In the listing below, print exactly the lines between the line holding "1. area: 533 mm2" and the line holding "5. line 3: z = -5.08 to -2.4, 2.4 to 5.08", inclusive, and no more.
━━━━━━━━━━━━━━━━━━━━
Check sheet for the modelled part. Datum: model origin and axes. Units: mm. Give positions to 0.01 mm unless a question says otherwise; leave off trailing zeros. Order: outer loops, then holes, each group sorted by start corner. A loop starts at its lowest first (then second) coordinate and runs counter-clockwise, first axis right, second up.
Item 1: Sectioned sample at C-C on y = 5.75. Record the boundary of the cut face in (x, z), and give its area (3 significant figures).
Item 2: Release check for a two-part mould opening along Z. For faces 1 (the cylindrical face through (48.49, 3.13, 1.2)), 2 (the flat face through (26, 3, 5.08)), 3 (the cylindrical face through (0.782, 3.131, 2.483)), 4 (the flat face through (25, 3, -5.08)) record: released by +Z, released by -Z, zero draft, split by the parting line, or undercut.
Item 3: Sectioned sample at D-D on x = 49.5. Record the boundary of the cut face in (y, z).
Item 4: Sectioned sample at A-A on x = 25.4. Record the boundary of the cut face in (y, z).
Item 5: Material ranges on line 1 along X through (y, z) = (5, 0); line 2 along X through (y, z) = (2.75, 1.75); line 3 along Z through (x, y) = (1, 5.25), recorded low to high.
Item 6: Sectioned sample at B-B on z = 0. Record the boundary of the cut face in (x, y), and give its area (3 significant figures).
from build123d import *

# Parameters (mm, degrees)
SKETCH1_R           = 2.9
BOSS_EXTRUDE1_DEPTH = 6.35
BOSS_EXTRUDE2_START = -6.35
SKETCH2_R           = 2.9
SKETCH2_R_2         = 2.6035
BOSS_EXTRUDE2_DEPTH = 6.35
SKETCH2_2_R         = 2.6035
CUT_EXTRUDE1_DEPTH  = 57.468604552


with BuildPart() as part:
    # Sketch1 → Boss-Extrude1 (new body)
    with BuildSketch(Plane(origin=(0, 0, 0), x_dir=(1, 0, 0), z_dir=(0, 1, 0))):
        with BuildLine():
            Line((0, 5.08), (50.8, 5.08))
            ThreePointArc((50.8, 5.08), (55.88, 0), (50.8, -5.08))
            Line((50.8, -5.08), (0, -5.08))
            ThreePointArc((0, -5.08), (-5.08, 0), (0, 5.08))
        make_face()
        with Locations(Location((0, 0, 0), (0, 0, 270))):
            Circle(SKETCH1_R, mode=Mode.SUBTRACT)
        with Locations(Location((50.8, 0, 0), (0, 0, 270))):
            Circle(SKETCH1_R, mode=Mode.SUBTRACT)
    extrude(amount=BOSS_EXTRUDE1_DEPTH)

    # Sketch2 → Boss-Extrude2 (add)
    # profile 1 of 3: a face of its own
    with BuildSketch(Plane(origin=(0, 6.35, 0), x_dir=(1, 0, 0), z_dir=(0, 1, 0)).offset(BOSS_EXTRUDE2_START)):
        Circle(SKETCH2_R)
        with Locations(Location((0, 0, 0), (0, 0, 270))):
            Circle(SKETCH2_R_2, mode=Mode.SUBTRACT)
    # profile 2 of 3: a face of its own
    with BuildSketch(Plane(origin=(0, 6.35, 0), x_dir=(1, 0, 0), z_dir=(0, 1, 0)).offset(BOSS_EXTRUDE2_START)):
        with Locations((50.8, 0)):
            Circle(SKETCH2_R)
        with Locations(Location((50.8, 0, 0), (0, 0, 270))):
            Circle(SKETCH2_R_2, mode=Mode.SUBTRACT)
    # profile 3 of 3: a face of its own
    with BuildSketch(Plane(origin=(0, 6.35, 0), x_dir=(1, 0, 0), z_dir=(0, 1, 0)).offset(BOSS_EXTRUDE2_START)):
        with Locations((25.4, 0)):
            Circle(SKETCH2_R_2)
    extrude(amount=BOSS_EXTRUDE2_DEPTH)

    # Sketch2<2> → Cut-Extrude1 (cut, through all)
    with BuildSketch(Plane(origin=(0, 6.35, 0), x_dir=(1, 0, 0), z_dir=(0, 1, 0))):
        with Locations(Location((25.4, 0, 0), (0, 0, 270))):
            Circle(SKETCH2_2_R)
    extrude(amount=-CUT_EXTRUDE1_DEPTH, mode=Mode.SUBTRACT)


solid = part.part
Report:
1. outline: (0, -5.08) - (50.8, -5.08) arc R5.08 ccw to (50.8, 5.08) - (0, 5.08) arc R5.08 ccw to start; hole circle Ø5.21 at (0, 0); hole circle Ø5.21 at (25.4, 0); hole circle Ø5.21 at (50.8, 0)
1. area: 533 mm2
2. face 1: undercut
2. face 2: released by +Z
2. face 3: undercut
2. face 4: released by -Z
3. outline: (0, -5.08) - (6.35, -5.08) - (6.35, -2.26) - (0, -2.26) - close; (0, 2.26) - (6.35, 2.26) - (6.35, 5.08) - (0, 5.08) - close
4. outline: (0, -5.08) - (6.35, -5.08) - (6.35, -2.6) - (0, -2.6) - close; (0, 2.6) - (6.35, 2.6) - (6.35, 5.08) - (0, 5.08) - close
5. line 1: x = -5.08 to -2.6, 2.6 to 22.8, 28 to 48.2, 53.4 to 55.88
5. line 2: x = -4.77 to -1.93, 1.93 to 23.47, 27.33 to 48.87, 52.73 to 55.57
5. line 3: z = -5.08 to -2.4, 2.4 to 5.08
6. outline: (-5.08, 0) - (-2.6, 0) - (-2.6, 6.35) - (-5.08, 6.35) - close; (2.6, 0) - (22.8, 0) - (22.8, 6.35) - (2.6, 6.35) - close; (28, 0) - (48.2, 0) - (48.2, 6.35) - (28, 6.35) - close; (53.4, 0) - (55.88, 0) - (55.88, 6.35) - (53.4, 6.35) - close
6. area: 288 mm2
━━━━━━━━━━━━━━━━━━━━
Written reply:
1. area: 533 mm2
2. face 1: undercut
2. face 2: released by +Z
2. face 3: undercut
2. face 4: released by -Z
3. outline: (0, -5.08) - (6.35, -5.08) - (6.35, -2.26) - (0, -2.26) - close; (0, 2.26) - (6.35, 2.26) - (6.35, 5.08) - (0, 5.08) - close
4. outline: (0, -5.08) - (6.35, -5.08) - (6.35, -2.6) - (0, -2.6) - close; (0, 2.6) - (6.35, 2.6) - (6.35, 5.08) - (0, 5.08) - close
5. line 1: x = -5.08 to -2.6, 2.6 to 22.8, 28 to 48.2, 53.4 to 55.88
5. line 2: x = -4.77 to -1.93, 1.93 to 23.47, 27.33 to 48.87, 52.73 to 55.57
5. line 3: z = -5.08 to -2.4, 2.4 to 5.08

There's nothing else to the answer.